What you should do
Your response should consist of the data that follows, repeated in full without alteration.

Supplied entries

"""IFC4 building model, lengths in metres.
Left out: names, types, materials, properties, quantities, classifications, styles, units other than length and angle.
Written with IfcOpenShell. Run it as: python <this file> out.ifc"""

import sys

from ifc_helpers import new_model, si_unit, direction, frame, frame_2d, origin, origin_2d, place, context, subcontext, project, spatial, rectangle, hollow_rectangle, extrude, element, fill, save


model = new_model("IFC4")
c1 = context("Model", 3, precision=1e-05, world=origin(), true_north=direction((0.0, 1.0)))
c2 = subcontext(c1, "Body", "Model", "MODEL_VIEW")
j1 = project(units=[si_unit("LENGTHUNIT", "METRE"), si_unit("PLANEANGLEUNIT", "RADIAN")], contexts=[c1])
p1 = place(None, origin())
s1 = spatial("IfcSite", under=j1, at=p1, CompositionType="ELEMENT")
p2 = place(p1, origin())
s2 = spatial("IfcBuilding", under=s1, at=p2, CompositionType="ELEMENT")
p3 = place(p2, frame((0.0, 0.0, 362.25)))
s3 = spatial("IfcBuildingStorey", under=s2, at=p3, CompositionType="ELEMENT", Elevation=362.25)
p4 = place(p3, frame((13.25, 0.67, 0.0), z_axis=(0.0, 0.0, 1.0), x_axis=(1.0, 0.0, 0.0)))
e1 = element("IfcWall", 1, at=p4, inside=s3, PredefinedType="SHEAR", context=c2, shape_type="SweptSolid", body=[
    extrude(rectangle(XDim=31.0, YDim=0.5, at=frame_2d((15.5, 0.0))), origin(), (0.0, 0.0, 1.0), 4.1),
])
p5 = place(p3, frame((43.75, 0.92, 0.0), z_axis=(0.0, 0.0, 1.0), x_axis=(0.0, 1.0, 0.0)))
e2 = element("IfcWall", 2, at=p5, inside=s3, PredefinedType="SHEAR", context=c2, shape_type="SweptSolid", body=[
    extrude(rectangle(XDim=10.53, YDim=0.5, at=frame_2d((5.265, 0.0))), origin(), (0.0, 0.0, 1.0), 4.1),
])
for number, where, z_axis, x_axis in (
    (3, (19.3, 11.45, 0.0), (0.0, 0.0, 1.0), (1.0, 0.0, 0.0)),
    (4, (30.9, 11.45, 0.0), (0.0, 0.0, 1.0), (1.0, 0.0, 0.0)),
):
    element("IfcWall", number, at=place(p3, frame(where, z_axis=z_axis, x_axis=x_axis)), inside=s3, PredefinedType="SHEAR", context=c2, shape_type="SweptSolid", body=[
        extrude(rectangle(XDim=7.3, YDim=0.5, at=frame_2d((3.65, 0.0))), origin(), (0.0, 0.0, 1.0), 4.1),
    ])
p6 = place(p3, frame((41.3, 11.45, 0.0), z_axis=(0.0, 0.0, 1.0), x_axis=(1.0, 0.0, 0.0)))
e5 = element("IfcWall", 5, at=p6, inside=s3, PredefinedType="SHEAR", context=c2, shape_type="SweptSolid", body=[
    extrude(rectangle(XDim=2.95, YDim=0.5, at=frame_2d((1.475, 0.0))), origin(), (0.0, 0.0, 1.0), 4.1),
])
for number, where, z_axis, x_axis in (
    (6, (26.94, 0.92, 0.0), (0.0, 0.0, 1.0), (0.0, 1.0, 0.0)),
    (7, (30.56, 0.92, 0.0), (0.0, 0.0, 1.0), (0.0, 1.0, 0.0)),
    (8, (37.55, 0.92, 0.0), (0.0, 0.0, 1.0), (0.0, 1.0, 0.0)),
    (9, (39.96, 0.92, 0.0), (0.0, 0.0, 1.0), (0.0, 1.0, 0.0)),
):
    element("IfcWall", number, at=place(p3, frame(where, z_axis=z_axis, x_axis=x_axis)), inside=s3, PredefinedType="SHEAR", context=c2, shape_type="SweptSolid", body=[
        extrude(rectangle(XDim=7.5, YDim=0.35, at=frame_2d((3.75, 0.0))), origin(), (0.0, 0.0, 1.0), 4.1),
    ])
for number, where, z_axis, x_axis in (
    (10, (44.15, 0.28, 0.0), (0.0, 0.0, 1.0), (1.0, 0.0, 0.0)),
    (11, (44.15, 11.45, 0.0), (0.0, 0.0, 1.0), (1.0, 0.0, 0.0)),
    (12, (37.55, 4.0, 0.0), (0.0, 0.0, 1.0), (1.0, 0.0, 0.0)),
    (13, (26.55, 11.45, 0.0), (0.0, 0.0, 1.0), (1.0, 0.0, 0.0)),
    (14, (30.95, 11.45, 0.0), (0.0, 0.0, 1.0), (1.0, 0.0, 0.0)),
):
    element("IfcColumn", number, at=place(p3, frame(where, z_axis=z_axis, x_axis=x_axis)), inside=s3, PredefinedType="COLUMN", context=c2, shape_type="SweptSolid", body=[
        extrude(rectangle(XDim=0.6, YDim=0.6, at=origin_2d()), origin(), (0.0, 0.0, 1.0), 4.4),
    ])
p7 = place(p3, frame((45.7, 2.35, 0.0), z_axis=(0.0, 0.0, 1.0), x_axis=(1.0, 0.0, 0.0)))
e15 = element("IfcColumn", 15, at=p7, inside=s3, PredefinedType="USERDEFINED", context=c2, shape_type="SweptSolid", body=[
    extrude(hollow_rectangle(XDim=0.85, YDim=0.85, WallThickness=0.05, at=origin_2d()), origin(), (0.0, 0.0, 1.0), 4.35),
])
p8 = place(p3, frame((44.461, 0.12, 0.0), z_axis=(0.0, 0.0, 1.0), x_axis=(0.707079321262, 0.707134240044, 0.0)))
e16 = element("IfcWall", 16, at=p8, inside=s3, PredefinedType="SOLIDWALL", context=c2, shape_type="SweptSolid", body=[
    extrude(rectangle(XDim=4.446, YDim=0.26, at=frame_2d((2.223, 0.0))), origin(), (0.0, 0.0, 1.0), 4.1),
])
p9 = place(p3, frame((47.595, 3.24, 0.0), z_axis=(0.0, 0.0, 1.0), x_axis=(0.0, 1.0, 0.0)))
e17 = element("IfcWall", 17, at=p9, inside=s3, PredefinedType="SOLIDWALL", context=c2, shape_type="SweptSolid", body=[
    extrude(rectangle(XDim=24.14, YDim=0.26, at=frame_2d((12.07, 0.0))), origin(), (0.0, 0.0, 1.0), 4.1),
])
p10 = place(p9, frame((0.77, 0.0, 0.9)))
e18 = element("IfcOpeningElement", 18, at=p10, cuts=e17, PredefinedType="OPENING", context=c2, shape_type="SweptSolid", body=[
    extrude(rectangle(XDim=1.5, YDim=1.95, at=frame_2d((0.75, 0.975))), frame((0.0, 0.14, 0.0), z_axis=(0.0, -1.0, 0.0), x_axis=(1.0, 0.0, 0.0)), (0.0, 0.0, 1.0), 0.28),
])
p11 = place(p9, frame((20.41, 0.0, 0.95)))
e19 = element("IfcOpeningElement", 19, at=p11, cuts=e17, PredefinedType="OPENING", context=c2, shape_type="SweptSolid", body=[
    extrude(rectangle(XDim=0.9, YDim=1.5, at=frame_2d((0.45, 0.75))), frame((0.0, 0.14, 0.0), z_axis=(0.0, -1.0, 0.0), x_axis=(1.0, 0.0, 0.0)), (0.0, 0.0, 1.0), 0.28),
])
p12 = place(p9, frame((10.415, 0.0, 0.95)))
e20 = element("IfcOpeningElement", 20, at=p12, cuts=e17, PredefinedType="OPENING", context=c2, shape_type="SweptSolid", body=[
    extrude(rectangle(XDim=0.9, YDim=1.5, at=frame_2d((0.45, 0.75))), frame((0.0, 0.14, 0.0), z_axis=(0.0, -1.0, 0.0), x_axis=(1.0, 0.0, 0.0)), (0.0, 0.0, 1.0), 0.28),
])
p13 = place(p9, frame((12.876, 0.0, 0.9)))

Your response
"""IFC4 building model, lengths in metres.
Left out: names, types, materials, properties, quantities, classifications, styles, units other than length and angle.
Written with IfcOpenShell. Run it as: python <this file> out.ifc"""

import sys

from ifc_helpers import new_model, si_unit, direction, frame, frame_2d, origin, origin_2d, place, context, subcontext, project, spatial, rectangle, hollow_rectangle, extrude, element, fill, save


model = new_model("IFC4")
c1 = context("Model", 3, precision=1e-05, world=origin(), true_north=direction((0.0, 1.0)))
c2 = subcontext(c1, "Body", "Model", "MODEL_VIEW")
j1 = project(units=[si_unit("LENGTHUNIT", "METRE"), si_unit("PLANEANGLEUNIT", "RADIAN")], contexts=[c1])
p1 = place(None, origin())
s1 = spatial("IfcSite", under=j1, at=p1, CompositionType="ELEMENT")
p2 = place(p1, origin())
s2 = spatial("IfcBuilding", under=s1, at=p2, CompositionType="ELEMENT")
p3 = place(p2, frame((0.0, 0.0, 362.25)))
s3 = spatial("IfcBuildingStorey", under=s2, at=p3, CompositionType="ELEMENT", Elevation=362.25)
p4 = place(p3, frame((13.25, 0.67, 0.0), z_axis=(0.0, 0.0, 1.0), x_axis=(1.0, 0.0, 0.0)))
e1 = element("IfcWall", 1, at=p4, inside=s3, PredefinedType="SHEAR", context=c2, shape_type="SweptSolid", body=[
    extrude(rectangle(XDim=31.0, YDim=0.5, at=frame_2d((15.5, 0.0))), origin(), (0.0, 0.0, 1.0), 4.1),
])
p5 = place(p3, frame((43.75, 0.92, 0.0), z_axis=(0.0, 0.0, 1.0), x_axis=(0.0, 1.0, 0.0)))
e2 = element("IfcWall", 2, at=p5, inside=s3, PredefinedType="SHEAR", context=c2, shape_type="SweptSolid", body=[
    extrude(rectangle(XDim=10.53, YDim=0.5, at=frame_2d((5.265, 0.0))), origin(), (0.0, 0.0, 1.0), 4.1),
])
for number, where, z_axis, x_axis in (
    (3, (19.3, 11.45, 0.0), (0.0, 0.0, 1.0), (1.0, 0.0, 0.0)),
    (4, (30.9, 11.45, 0.0), (0.0, 0.0, 1.0), (1.0, 0.0, 0.0)),
):
    element("IfcWall", number, at=place(p3, frame(where, z_axis=z_axis, x_axis=x_axis)), inside=s3, PredefinedType="SHEAR", context=c2, shape_type="SweptSolid", body=[
        extrude(rectangle(XDim=7.3, YDim=0.5, at=frame_2d((3.65, 0.0))), origin(), (0.0, 0.0, 1.0), 4.1),
    ])
p6 = place(p3, frame((41.3, 11.45, 0.0), z_axis=(0.0, 0.0, 1.0), x_axis=(1.0, 0.0, 0.0)))
e5 = element("IfcWall", 5, at=p6, inside=s3, PredefinedType="SHEAR", context=c2, shape_type="SweptSolid", body=[
    extrude(rectangle(XDim=2.95, YDim=0.5, at=frame_2d((1.475, 0.0))), origin(), (0.0, 0.0, 1.0), 4.1),
])
for number, where, z_axis, x_axis in (
    (6, (26.94, 0.92, 0.0), (0.0, 0.0, 1.0), (0.0, 1.0, 0.0)),
    (7, (30.56, 0.92, 0.0), (0.0, 0.0, 1.0), (0.0, 1.0, 0.0)),
    (8, (37.55, 0.92, 0.0), (0.0, 0.0, 1.0), (0.0, 1.0, 0.0)),
    (9, (39.96, 0.92, 0.0), (0.0, 0.0, 1.0), (0.0, 1.0, 0.0)),
):
    element("IfcWall", number, at=place(p3, frame(where, z_axis=z_axis, x_axis=x_axis)), inside=s3, PredefinedType="SHEAR", context=c2, shape_type="SweptSolid", body=[
        extrude(rectangle(XDim=7.5, YDim=0.35, at=frame_2d((3.75, 0.0))), origin(), (0.0, 0.0, 1.0), 4.1),
    ])
for number, where, z_axis, x_axis in (
    (10, (44.15, 0.28, 0.0), (0.0, 0.0, 1.0), (1.0, 0.0, 0.0)),
    (11, (44.15, 11.45, 0.0), (0.0, 0.0, 1.0), (1.0, 0.0, 0.0)),
    (12, (37.55, 4.0, 0.0), (0.0, 0.0, 1.0), (1.0, 0.0, 0.0)),
    (13, (26.55, 11.45, 0.0), (0.0, 0.0, 1.0), (1.0, 0.0, 0.0)),
    (14, (30.95, 11.45, 0.0), (0.0, 0.0, 1.0), (1.0, 0.0, 0.0)),
):
    element("IfcColumn", number, at=place(p3, frame(where, z_axis=z_axis, x_axis=x_axis)), inside=s3, PredefinedType="COLUMN", context=c2, shape_type="SweptSolid", body=[
        extrude(rectangle(XDim=0.6, YDim=0.6, at=origin_2d()), origin(), (0.0, 0.0, 1.0), 4.4),
    ])
p7 = place(p3, frame((45.7, 2.35, 0.0), z_axis=(0.0, 0.0, 1.0), x_axis=(1.0, 0.0, 0.0)))
e15 = element("IfcColumn", 15, at=p7, inside=s3, PredefinedType="USERDEFINED", context=c2, shape_type="SweptSolid", body=[
    extrude(hollow_rectangle(XDim=0.85, YDim=0.85, WallThickness=0.05, at=origin_2d()), origin(), (0.0, 0.0, 1.0), 4.35),
])
p8 = place(p3, frame((44.461, 0.12, 0.0), z_axis=(0.0, 0.0, 1.0), x_axis=(0.707079321262, 0.707134240044, 0.0)))
e16 = element("IfcWall", 16, at=p8, inside=s3, PredefinedType="SOLIDWALL", context=c2, shape_type="SweptSolid", body=[
    extrude(rectangle(XDim=4.446, YDim=0.26, at=frame_2d((2.223, 0.0))), origin(), (0.0, 0.0, 1.0), 4.1),
])
p9 = place(p3, frame((47.595, 3.24, 0.0), z_axis=(0.0, 0.0, 1.0), x_axis=(0.0, 1.0, 0.0)))
e17 = element("IfcWall", 17, at=p9, inside=s3, PredefinedType="SOLIDWALL", context=c2, shape_type="SweptSolid", body=[
    extrude(rectangle(XDim=24.14, YDim=0.26, at=frame_2d((12.07, 0.0))), origin(), (0.0, 0.0, 1.0), 4.1),
])
p10 = place(p9, frame((0.77, 0.0, 0.9)))
e18 = element("IfcOpeningElement", 18, at=p10, cuts=e17, PredefinedType="OPENING", context=c2, shape_type="SweptSolid", body=[
    extrude(rectangle(XDim=1.5, YDim=1.95, at=frame_2d((0.75, 0.975))), frame((0.0, 0.14, 0.0), z_axis=(0.0, -1.0, 0.0), x_axis=(1.0, 0.0, 0.0)), (0.0, 0.0, 1.0), 0.28),
])
p11 = place(p9, frame((20.41, 0.0, 0.95)))
e19 = element("IfcOpeningElement", 19, at=p11, cuts=e17, PredefinedType="OPENING", context=c2, shape_type="SweptSolid", body=[
    extrude(rectangle(XDim=0.9, YDim=1.5, at=frame_2d((0.45, 0.75))), frame((0.0, 0.14, 0.0), z_axis=(0.0, -1.0, 0.0), x_axis=(1.0, 0.0, 0.0)), (0.0, 0.0, 1.0), 0.28),
])
p12 = place(p9, frame((10.415, 0.0, 0.95)))
e20 = element("IfcOpeningElement", 20, at=p12, cuts=e17, PredefinedType="OPENING", context=c2, shape_type="SweptSolid", body=[
    extrude(rectangle(XDim=0.9, YDim=1.5, at=frame_2d((0.45, 0.75))), frame((0.0, 0.14, 0.0), z_axis=(0.0, -1.0, 0.0), x_axis=(1.0, 0.0, 0.0)), (0.0, 0.0, 1.0), 0.28),
])
p13 = place(p9, frame((12.876, 0.0, 0.9)))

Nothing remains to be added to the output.